§ Exercise:
Could you copy each line of the listing below that has the word "direction"?

§ Stored data:
------------------------------------
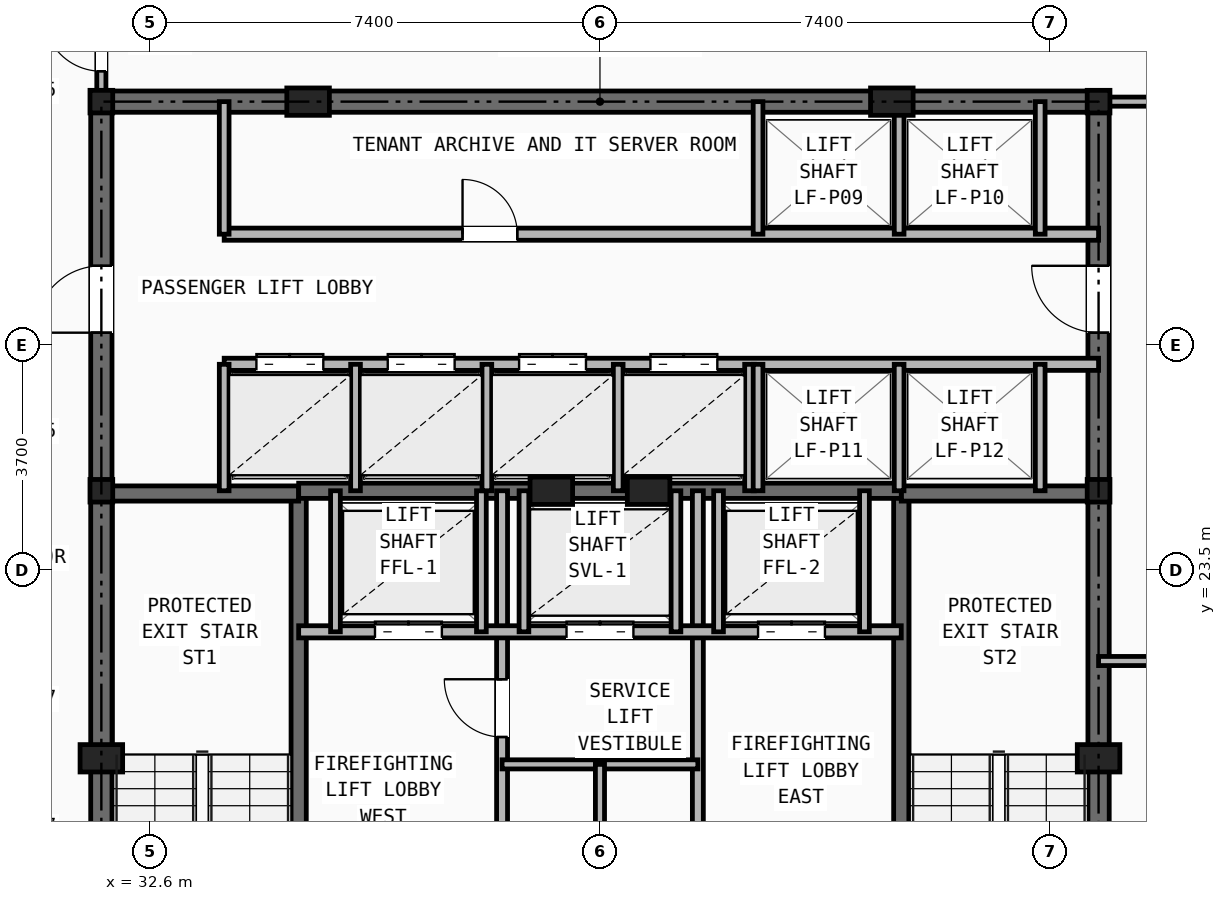
"""IFC4 building model, lengths in metres.
Left out: names, types, materials, properties, quantities, classifications, styles, units other than length and angle.
Written with IfcOpenShell. Run it as: python <this file> out.ifc"""

import sys

from ifc_helpers import new_model, si_unit, direction, frame, frame_2d, origin, origin_2d, place, context, subcontext, project, spatial, rectangle, i_section, extrude, element, fill, save


model = new_model("IFC4")
c1 = context("Model", 3, precision=1e-05, world=origin(), true_north=direction((0.0, 1.0)))
c2 = subcontext(c1, "Body", "Model", "MODEL_VIEW")
j1 = project(units=[si_unit("LENGTHUNIT", "METRE"), si_unit("PLANEANGLEUNIT", "RADIAN")], contexts=[c1])
p1 = place(None, origin())
s1 = spatial("IfcSite", under=j1, at=p1, CompositionType="ELEMENT")
p2 = place(p1, origin())
s2 = spatial("IfcBuilding", under=s1, at=p2, CompositionType="ELEMENT")
p3 = place(p2, frame((0.0, 0.0, 122.9)))
s3 = spatial("IfcBuildingStorey", under=s2, at=p3, CompositionType="ELEMENT", Elevation=122.9)
for number, where, z_axis, x_axis in (
    (1, (31.8, 24.8, 0.0), (0.0, 0.0, 1.0), (1.0, 0.0, 0.0)),
    (2, (48.2, 24.8, 0.0), (0.0, 0.0, 1.0), (1.0, 0.0, 0.0)),
    (3, (31.8, 31.2, 0.0), (0.0, 0.0, 1.0), (1.0, 0.0, 0.0)),
    (4, (48.2, 31.2, 0.0), (0.0, 0.0, 1.0), (1.0, 0.0, 0.0)),
):
    element("IfcColumn", number, at=place(p3, frame(where, z_axis=z_axis, x_axis=x_axis)), inside=s3, PredefinedType="COLUMN", context=c2, shape_type="SweptSolid", body=[
        extrude(i_section(OverallWidth=0.374, OverallDepth=0.372, WebThickness=0.016, FlangeThickness=0.026, at=origin_2d()), origin(), (0.0, 0.0, 1.0), 3.45),
    ])
for number, where, z_axis, x_axis in (
    (5, (31.8, 20.4, 0.0), (0.0, 0.0, 1.0), (1.0, 0.0, 0.0)),
    (6, (48.2, 20.4, 0.0), (0.0, 0.0, 1.0), (1.0, 0.0, 0.0)),
    (7, (35.2, 31.2, 0.0), (0.0, 0.0, 1.0), (1.0, 0.0, 0.0)),
    (8, (44.8, 31.2, 0.0), (0.0, 0.0, 1.0), (1.0, 0.0, 0.0)),
    (9, (39.2, 24.8, 0.0), (0.0, 0.0, 1.0), (1.0, 0.0, 0.0)),
    (10, (40.8, 24.8, 0.0), (0.0, 0.0, 1.0), (1.0, 0.0, 0.0)),
):
    element("IfcColumn", number, at=place(p3, frame(where, z_axis=z_axis, x_axis=x_axis)), inside=s3, PredefinedType="PILASTER", context=c2, shape_type="SweptSolid", body=[
        extrude(rectangle(XDim=0.7, YDim=0.45, at=origin_2d()), origin(), (0.0, 0.0, 1.0), 3.45),
    ])
p4 = place(p3, frame((31.8, 31.2, 0.0), z_axis=(0.0, 0.0, 1.0), x_axis=(1.0, 0.0, 0.0)))
e11 = element("IfcWall", 11, at=p4, inside=s3, PredefinedType="SHEAR", context=c2, shape_type="SweptSolid", body=[
    extrude(rectangle(XDim=16.4, YDim=0.35, at=frame_2d((8.2, 0.0))), origin(), (0.0, 0.0, 1.0), 3.21),
])
p5 = place(p3, frame((31.8, 16.4, 0.0), z_axis=(0.0, 0.0, 1.0), x_axis=(0.0, 1.0, 0.0)))
e12 = element("IfcWall", 12, at=p5, inside=s3, PredefinedType="SHEAR", context=c2, shape_type="SweptSolid", body=[
    extrude(rectangle(XDim=14.8, YDim=0.35, at=frame_2d((7.4, 0.0))), origin(), (0.0, 0.0, 1.0), 3.21),
])
p6 = place(p5, frame((11.0, 0.0, 0.0)))
e13 = element("IfcOpeningElement", 13, at=p6, cuts=e12, PredefinedType="OPENING", context=c2, shape_type="SweptSolid", body=[
    extrude(rectangle(XDim=1.1, YDim=2.15, at=frame_2d((0.55, 1.075))), frame((0.0, 0.185, 0.0), z_axis=(0.0, -1.0, 0.0), x_axis=(1.0, 0.0, 0.0)), (0.0, 0.0, 1.0), 0.37),
])
p7 = place(p3, frame((48.2, 16.4, 0.0), z_axis=(0.0, 0.0, 1.0), x_axis=(0.0, 1.0, 0.0)))
e14 = element("IfcWall", 14, at=p7, inside=s3, PredefinedType="SHEAR", context=c2, shape_type="SweptSolid", body=[
    extrude(rectangle(XDim=14.8, YDim=0.35, at=frame_2d((7.4, 0.0))), origin(), (0.0, 0.0, 1.0), 3.21),
])
p8 = place(p7, frame((11.0, 0.0, 0.0)))
e15 = element("IfcOpeningElement", 15, at=p8, cuts=e14, PredefinedType="OPENING", context=c2, shape_type="SweptSolid", body=[
    extrude(rectangle(XDim=1.1, YDim=2.15, at=frame_2d((0.55, 1.075))), frame((0.0, 0.185, 0.0), z_axis=(0.0, -1.0, 0.0), x_axis=(1.0, 0.0, 0.0)), (0.0, 0.0, 1.0), 0.37),
])
p9 = place(p3, frame((35.045, 16.4, 0.0), z_axis=(0.0, 0.0, 1.0), x_axis=(0.0, 1.0, 0.0)))
e16 = element("IfcWall", 16, at=p9, inside=s3, PredefinedType="SHEAR", context=c2, shape_type="SweptSolid", body=[
    extrude(rectangle(XDim=8.4, YDim=0.25, at=frame_2d((4.2, 0.0))), origin(), (0.0, 0.0, 1.0), 3.21),
])
p10 = place(p9, frame((0.45, 0.0, 0.0)))
e17 = element("IfcOpeningElement", 17, at=p10, cuts=e16, PredefinedType="OPENING", context=c2, shape_type="SweptSolid", body=[
    extrude(rectangle(XDim=0.95, YDim=2.1, at=frame_2d((0.475, 1.05))), frame((0.0, 0.135, 0.0), z_axis=(0.0, -1.0, 0.0), x_axis=(1.0, 0.0, 0.0)), (0.0, 0.0, 1.0), 0.27),
])
p11 = place(p3, frame((31.8, 24.755, 0.0), z_axis=(0.0, 0.0, 1.0), x_axis=(1.0, 0.0, 0.0)))
e18 = element("IfcWall", 18, at=p11, inside=s3, PredefinedType="SHEAR", context=c2, shape_type="SweptSolid", body=[
    extrude(rectangle(XDim=3.245, YDim=0.25, at=frame_2d((1.623, 0.0))), origin(), (0.0, 0.0, 1.0), 3.21),
])
p12 = place(p3, frame((44.955, 16.4, 0.0), z_axis=(0.0, 0.0, 1.0), x_axis=(0.0, 1.0, 0.0)))
e19 = element("IfcWall", 19, at=p12, inside=s3, PredefinedType="SHEAR", context=c2, shape_type="SweptSolid", body=[
    extrude(rectangle(XDim=8.4, YDim=0.25, at=frame_2d((4.2, 0.0))), origin(), (0.0, 0.0, 1.0), 3.21),
])
p13 = place(p12, frame((0.45, 0.0, 0.0)))
e20 = element("IfcOpeningElement", 20, at=p13, cuts=e19, PredefinedType="OPENING", context=c2, shape_type="SweptSolid", body=[
    extrude(rectangle(XDim=0.95, YDim=2.1, at=frame_2d((0.475, 1.05))), frame((0.0, 0.135, 0.0), z_axis=(0.0, -1.0, 0.0), x_axis=(1.0, 0.0, 0.0)), (0.0, 0.0, 1.0), 0.27),
])
p14 = place(p3, frame((44.955, 24.755, 0.0), z_axis=(0.0, 0.0, 1.0), x_axis=(1.0, 0.0, 0.0)))
e21 = element("IfcWall", 21, at=p14, inside=s3, PredefinedType="SHEAR", context=c2, shape_type="SweptSolid", body=[
    extrude(rectangle(XDim=3.245, YDim=0.25, at=frame_2d((1.623, 0.0))), origin(), (0.0, 0.0, 1.0), 3.21),
])
p15 = place(p3, frame((35.045, 24.8, 0.0), z_axis=(0.0, 0.0, 1.0), x_axis=(1.0, 0.0, 0.0)))
e22 = element("IfcWall", 22, at=p15, inside=s3, PredefinedType="SHEAR", context=c2, shape_type="SweptSolid", body=[
    extrude(rectangle(XDim=9.91, YDim=0.25, at=frame_2d((4.955, 0.0))), origin(), (0.0, 0.0, 1.0), 3.21),
])
p16 = place(p3, frame((38.39, 16.4, 0.0), z_axis=(0.0, 0.0, 1.0), x_axis=(0.0, 1.0, 0.0)))
e23 = element("IfcWall", 23, at=p16, inside=s3, PredefinedType="PARTITIONING", context=c2, shape_type="SweptSolid", body=[
    extrude(rectangle(XDim=8.4, YDim=0.18, at=frame_2d((4.2, 0.0))), origin(), (0.0, 0.0, 1.0), 2.938),
])
p17 = place(p16, frame((1.8, 0.0, 0.0)))
e24 = element("IfcOpeningElement", 24, at=p17, cuts=e23, PredefinedType="OPENING", context=c2, shape_type="SweptSolid", body=[
    extrude(rectangle(XDim=0.85, YDim=2.05, at=frame_2d((0.425, 1.025))), frame((0.0, 0.1, 0.0), z_axis=(0.0, -1.0, 0.0), x_axis=(1.0, 0.0, 0.0)), (0.0, 0.0, 1.0), 0.2),
])
p18 = place(p16, frame((4.35, 0.0, 0.0)))
e25 = element("IfcOpeningElement", 25, at=p18, cuts=e23, PredefinedType="OPENING", context=c2, shape_type="SweptSolid", body=[
    extrude(rectangle(XDim=0.95, YDim=2.1, at=frame_2d((0.475, 1.05))), frame((0.0, 0.1, 0.0), z_axis=(0.0, -1.0, 0.0), x_axis=(1.0, 0.0, 0.0)), (0.0, 0.0, 1.0), 0.2),
])
p19 = place(p3, frame((41.61, 16.4, 0.0), z_axis=(0.0, 0.0, 1.0), x_axis=(0.0, 1.0, 0.0)))
e26 = element("IfcWall", 26, at=p19, inside=s3, PredefinedType="PARTITIONING", context=c2, shape_type="SweptSolid", body=[
    extrude(rectangle(XDim=8.4, YDim=0.18, at=frame_2d((4.2, 0.0))), origin(), (0.0, 0.0, 1.0), 2.938),
])
p20 = place(p19, frame((1.8, 0.0, 0.0)))
e27 = element("IfcOpeningElement", 27, at=p20, cuts=e26, PredefinedType="OPENING", context=c2, shape_type="SweptSolid", body=[
    extrude(rectangle(XDim=0.85, YDim=2.05, at=frame_2d((0.425, 1.025))), frame((0.0, 0.1, 0.0), z_axis=(0.0, -1.0, 0.0), x_axis=(1.0, 0.0, 0.0)), (0.0, 0.0, 1.0), 0.2),
])
p21 = place(p3, frame((35.045, 22.48, 0.0), z_axis=(0.0, 0.0, 1.0), x_axis=(1.0, 0.0, 0.0)))
e28 = element("IfcWall", 28, at=p21, inside=s3, PredefinedType="SOLIDWALL", context=c2, shape_type="SweptSolid", body=[
    extrude(rectangle(XDim=9.91, YDim=0.2, at=frame_2d((4.955, 0.0))), origin(), (0.0, 0.0, 1.0), 3.21),
])
p22 = place(p21, frame((1.255, 0.0, 0.0)))
e29 = element("IfcOpeningElement", 29, at=p22, cuts=e28, PredefinedType="OPENING", context=c2, shape_type="SweptSolid", body=[
    extrude(rectangle(XDim=1.1, YDim=2.15, at=frame_2d((0.55, 1.075))), frame((0.0, 0.11, 0.0), z_axis=(0.0, -1.0, 0.0), x_axis=(1.0, 0.0, 0.0)), (0.0, 0.0, 1.0), 0.22),
])
p23 = place(p21, frame((7.555, 0.0, 0.0)))
e30 = element("IfcOpeningElement", 30, at=p23, cuts=e28, PredefinedType="OPENING", context=c2, shape_type="SweptSolid", body=[
    extrude(rectangle(XDim=1.1, YDim=2.15, at=frame_2d((0.55, 1.075))), frame((0.0, 0.11, 0.0), z_axis=(0.0, -1.0, 0.0), x_axis=(1.0, 0.0, 0.0)), (0.0, 0.0, 1.0), 0.22),
])
p24 = place(p21, frame((4.405, 0.0, 0.0)))
e31 = element("IfcOpeningElement", 31, at=p24, cuts=e28, PredefinedType="OPENING", context=c2, shape_type="SweptSolid", body=[
    extrude(rectangle(XDim=1.1, YDim=2.15, at=frame_2d((0.55, 1.075))), frame((0.0, 0.11, 0.0), z_axis=(0.0, -1.0, 0.0), x_axis=(1.0, 0.0, 0.0)), (0.0, 0.0, 1.0), 0.22),
])
p25 = place(p3, frame((38.39, 20.3, 0.0), z_axis=(0.0, 0.0, 1.0), x_axis=(1.0, 0.0, 0.0)))
e32 = element("IfcWall", 32, at=p25, inside=s3, PredefinedType="PARTITIONING", context=c2, shape_type="SweptSolid", body=[
    extrude(rectangle(XDim=3.22, YDim=0.15, at=frame_2d((1.61, 0.0))), origin(), (0.0, 0.0, 1.0), 3.21),
])
p26 = place(p3, frame((40.0, 16.4, 0.0), z_axis=(0.0, 0.0, 1.0), x_axis=(0.0, 1.0, 0.0)))
e33 = element("IfcWall", 33, at=p26, inside=s3, PredefinedType="PARTITIONING", context=c2, shape_type="SweptSolid", body=[
    extrude(rectangle(XDim=3.9, YDim=0.15, at=frame_2d((1.95, 0.0))), origin(), (0.0, 0.0, 1.0), 2.938),
])
for number, where, z_axis, x_axis in (
    (34, (35.65, 22.48, 0.0), (0.0, 0.0, 1.0), (0.0, 1.0, 0.0)),
    (35, (38.05, 22.48, 0.0), (0.0, 0.0, 1.0), (0.0, 1.0, 0.0)),
    (36, (41.95, 22.48, 0.0), (0.0, 0.0, 1.0), (0.0, 1.0, 0.0)),
    (37, (44.35, 22.48, 0.0), (0.0, 0.0, 1.0), (0.0, 1.0, 0.0)),
    (38, (38.75, 22.48, 0.0), (0.0, 0.0, 1.0), (0.0, 1.0, 0.0)),
    (39, (41.25, 22.48, 0.0), (0.0, 0.0, 1.0), (0.0, 1.0, 0.0)),
):
    element("IfcWall", number, at=place(p3, frame(where, z_axis=z_axis, x_axis=x_axis)), inside=s3, PredefinedType="SOLIDWALL", context=c2, shape_type="SweptSolid", body=[
        extrude(rectangle(XDim=2.32, YDim=0.16, at=frame_2d((1.16, 0.0))), origin(), (0.0, 0.0, 1.0), 3.21),
    ])
p27 = place(p3, frame((33.82, 29.02, 0.0), z_axis=(0.0, 0.0, 1.0), x_axis=(1.0, 0.0, 0.0)))
e40 = element("IfcWall", 40, at=p27, inside=s3, PredefinedType="SOLIDWALL", context=c2, shape_type="SweptSolid", body=[
    extrude(rectangle(XDim=14.38, YDim=0.2, at=frame_2d((7.19, 0.0))), origin(), (0.0, 0.0, 1.0), 2.661),
])
p28 = place(p27, frame((3.92, 0.0, 0.0)))
e41 = element("IfcOpeningElement", 41, at=p28, cuts=e40, PredefinedType="OPENING", context=c2, shape_type="SweptSolid", body=[
    extrude(rectangle(XDim=0.9, YDim=2.1, at=frame_2d((0.45, 1.05))), frame((0.0, 0.11, 0.0), z_axis=(0.0, -1.0, 0.0), x_axis=(1.0, 0.0, 0.0)), (0.0, 0.0, 1.0), 0.22),
])
p29 = place(p3, frame((33.82, 26.88, 0.0), z_axis=(0.0, 0.0, 1.0), x_axis=(1.0, 0.0, 0.0)))
e42 = element("IfcWall", 42, at=p29, inside=s3, PredefinedType="SOLIDWALL", context=c2, shape_type="SweptSolid", body=[
    extrude(rectangle(XDim=14.38, YDim=0.2, at=frame_2d((7.19, 0.0))), origin(), (0.0, 0.0, 1.0), 2.661),
])
p30 = place(p29, frame((0.53, 0.0, 0.0)))
e43 = element("IfcOpeningElement", 43, at=p30, cuts=e42, PredefinedType="OPENING", context=c2, shape_type="SweptSolid", body=[
    extrude(rectangle(XDim=1.1, YDim=2.15, at=frame_2d((0.55, 1.075))), frame((0.0, 0.11, 0.0), z_axis=(0.0, -1.0, 0.0), x_axis=(1.0, 0.0, 0.0)), (0.0, 0.0, 1.0), 0.22),
])
p31 = place(p29, frame((2.69, 0.0, 0.0)))
e44 = element("IfcOpeningElement", 44, at=p31, cuts=e42, PredefinedType="OPENING", context=c2, shape_type="SweptSolid", body=[
    extrude(rectangle(XDim=1.1, YDim=2.15, at=frame_2d((0.55, 1.075))), frame((0.0, 0.11, 0.0), z_axis=(0.0, -1.0, 0.0), x_axis=(1.0, 0.0, 0.0)), (0.0, 0.0, 1.0), 0.22),
])
p32 = place(p29, frame((4.85, 0.0, 0.0)))
e45 = element("IfcOpeningElement", 45, at=p32, cuts=e42, PredefinedType="OPENING", context=c2, shape_type="SweptSolid", body=[
    extrude(rectangle(XDim=1.1, YDim=2.15, at=frame_2d((0.55, 1.075))), frame((0.0, 0.11, 0.0), z_axis=(0.0, -1.0, 0.0), x_axis=(1.0, 0.0, 0.0)), (0.0, 0.0, 1.0), 0.22),
])
p33 = place(p29, frame((7.01, 0.0, 0.0)))
e46 = element("IfcOpeningElement", 46, at=p33, cuts=e42, PredefinedType="OPENING", context=c2, shape_type="SweptSolid", body=[
    extrude(rectangle(XDim=1.1, YDim=2.15, at=frame_2d((0.55, 1.075))), frame((0.0, 0.11, 0.0), z_axis=(0.0, -1.0, 0.0), x_axis=(1.0, 0.0, 0.0)), (0.0, 0.0, 1.0), 0.22),
])
p34 = place(p3, frame((33.82, 29.02, 0.0), z_axis=(0.0, 0.0, 1.0), x_axis=(0.0, 1.0, 0.0)))
e47 = element("IfcWall", 47, at=p34, inside=s3, PredefinedType="SOLIDWALL", context=c2, shape_type="SweptSolid", body=[
    extrude(rectangle(XDim=2.18, YDim=0.16, at=frame_2d((1.09, 0.0))), origin(), (0.0, 0.0, 1.0), 2.938),
])
for number, where, z_axis, x_axis in (
    (48, (33.82, 24.8, 0.0), (0.0, 0.0, 1.0), (0.0, 1.0, 0.0)),
    (49, (35.98, 24.8, 0.0), (0.0, 0.0, 1.0), (0.0, 1.0, 0.0)),
    (50, (38.14, 24.8, 0.0), (0.0, 0.0, 1.0), (0.0, 1.0, 0.0)),
    (51, (40.3, 24.8, 0.0), (0.0, 0.0, 1.0), (0.0, 1.0, 0.0)),
    (52, (42.46, 24.8, 0.0), (0.0, 0.0, 1.0), (0.0, 1.0, 0.0)),
):
    element("IfcWall", number, at=place(p3, frame(where, z_axis=z_axis, x_axis=x_axis)), inside=s3, PredefinedType="SOLIDWALL", context=c2, shape_type="SweptSolid", body=[
        extrude(rectangle(XDim=2.08, YDim=0.16, at=frame_2d((1.04, 0.0))), origin(), (0.0, 0.0, 1.0), 3.21),
    ])
for number, where, z_axis, x_axis in (
    (53, (42.6, 29.02, 0.0), (0.0, 0.0, 1.0), (0.0, 1.0, 0.0)),
    (54, (44.92, 29.02, 0.0), (0.0, 0.0, 1.0), (0.0, 1.0, 0.0)),
    (55, (47.24, 29.02, 0.0), (0.0, 0.0, 1.0), (0.0, 1.0, 0.0)),
):
    element("IfcWall", number, at=place(p3, frame(where, z_axis=z_axis, x_axis=x_axis)), inside=s3, PredefinedType="SOLIDWALL", context=c2, shape_type="SweptSolid", body=[
        extrude(rectangle(XDim=2.18, YDim=0.16, at=frame_2d((1.09, 0.0))), origin(), (0.0, 0.0, 1.0), 2.938),
    ])
for number, where, z_axis, x_axis in (
    (56, (42.6, 24.8, 0.0), (0.0, 0.0, 1.0), (0.0, 1.0, 0.0)),
    (57, (44.92, 24.8, 0.0), (0.0, 0.0, 1.0), (0.0, 1.0, 0.0)),
    (58, (47.24, 24.8, 0.0), (0.0, 0.0, 1.0), (0.0, 1.0, 0.0)),
):
    element("IfcWall", number, at=place(p3, frame(where, z_axis=z_axis, x_axis=x_axis)), inside=s3, PredefinedType="SOLIDWALL", context=c2, shape_type="SweptSolid", body=[
        extrude(rectangle(XDim=2.08, YDim=0.16, at=frame_2d((1.04, 0.0))), origin(), (0.0, 0.0, 1.0), 3.21),
    ])
p35 = place(p3, frame((31.8, 31.2, 0.0), z_axis=(0.0, 0.0, 1.0), x_axis=(0.0, 1.0, 0.0)))
e59 = element("IfcWall", 59, at=p35, inside=s3, PredefinedType="PARTITIONING", context=c2, shape_type="SweptSolid", body=[
    extrude(rectangle(XDim=5.3, YDim=0.15, at=frame_2d((2.65, 0.0))), origin(), (0.0, 0.0, 1.0), 2.252),
])
p36 = place(p35, frame((0.5, 0.0, 0.0)))
e60 = element("IfcOpeningElement", 60, at=p36, cuts=e59, PredefinedType="OPENING", context=c2, shape_type="SweptSolid", body=[
    extrude(rectangle(XDim=0.95, YDim=2.1, at=frame_2d((0.475, 1.05))), frame((0.0, 0.085, 0.0), z_axis=(0.0, -1.0, 0.0), x_axis=(1.0, 0.0, 0.0)), (0.0, 0.0, 1.0), 0.17),
])
p37 = place(p35, frame((4.23, 0.0, 0.0)))
e61 = element("IfcOpeningElement", 61, at=p37, cuts=e59, PredefinedType="OPENING", context=c2, shape_type="SweptSolid", body=[
    extrude(rectangle(XDim=0.95, YDim=2.1, at=frame_2d((0.475, 1.05))), frame((0.0, 0.085, 0.0), z_axis=(0.0, -1.0, 0.0), x_axis=(1.0, 0.0, 0.0)), (0.0, 0.0, 1.0), 0.17),
])
p38 = place(p3, frame((48.2, 31.2, 0.0), z_axis=(0.0, 0.0, 1.0), x_axis=(1.0, 0.0, 0.0)))
e62 = element("IfcWall", 62, at=p38, inside=s3, PredefinedType="PARTITIONING", context=c2, shape_type="SweptSolid", body=[
    extrude(rectangle(XDim=8.972, YDim=0.15, at=frame_2d((4.486, 0.0))), origin(), (0.0, 0.0, 1.0), 2.252),
])
p39 = place(p3, frame((48.2, 22.0, 0.0), z_axis=(0.0, 0.0, 1.0), x_axis=(1.0, 0.0, 0.0)))
e63 = element("IfcWall", 63, at=p39, inside=s3, PredefinedType="PARTITIONING", context=c2, shape_type="SweptSolid", body=[
    extrude(rectangle(XDim=14.262, YDim=0.15, at=frame_2d((7.131, 0.0))), origin(), (0.0, 0.0, 1.0), 2.589),
])
p40 = place(p39, frame((1.4, 0.0, 0.0)))
e64 = element("IfcOpeningElement", 64, at=p40, cuts=e63, PredefinedType="OPENING", context=c2, shape_type="SweptSolid", body=[
    extrude(rectangle(XDim=0.95, YDim=2.1, at=frame_2d((0.475, 1.05))), frame((0.0, 0.085, 0.0), z_axis=(0.0, -1.0, 0.0), x_axis=(1.0, 0.0, 0.0)), (0.0, 0.0, 1.0), 0.17),
])
p41 = place(p18, origin())
e65 = element("IfcDoor", 65, at=p41, inside=s3, OperationType="SINGLE_SWING_RIGHT", PredefinedType="DOOR", context=c2, shape_type="SweptSolid", body=[
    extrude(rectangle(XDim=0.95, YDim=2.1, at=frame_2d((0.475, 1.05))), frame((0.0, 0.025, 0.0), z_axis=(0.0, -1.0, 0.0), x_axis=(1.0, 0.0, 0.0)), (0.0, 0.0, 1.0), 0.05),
------------------------------------
§ Result:
from ifc_helpers import new_model, si_unit, direction, frame, frame_2d, origin, origin_2d, place, context, subcontext, project, spatial, rectangle, i_section, extrude, element, fill, save
c1 = context("Model", 3, precision=1e-05, world=origin(), true_north=direction((0.0, 1.0)))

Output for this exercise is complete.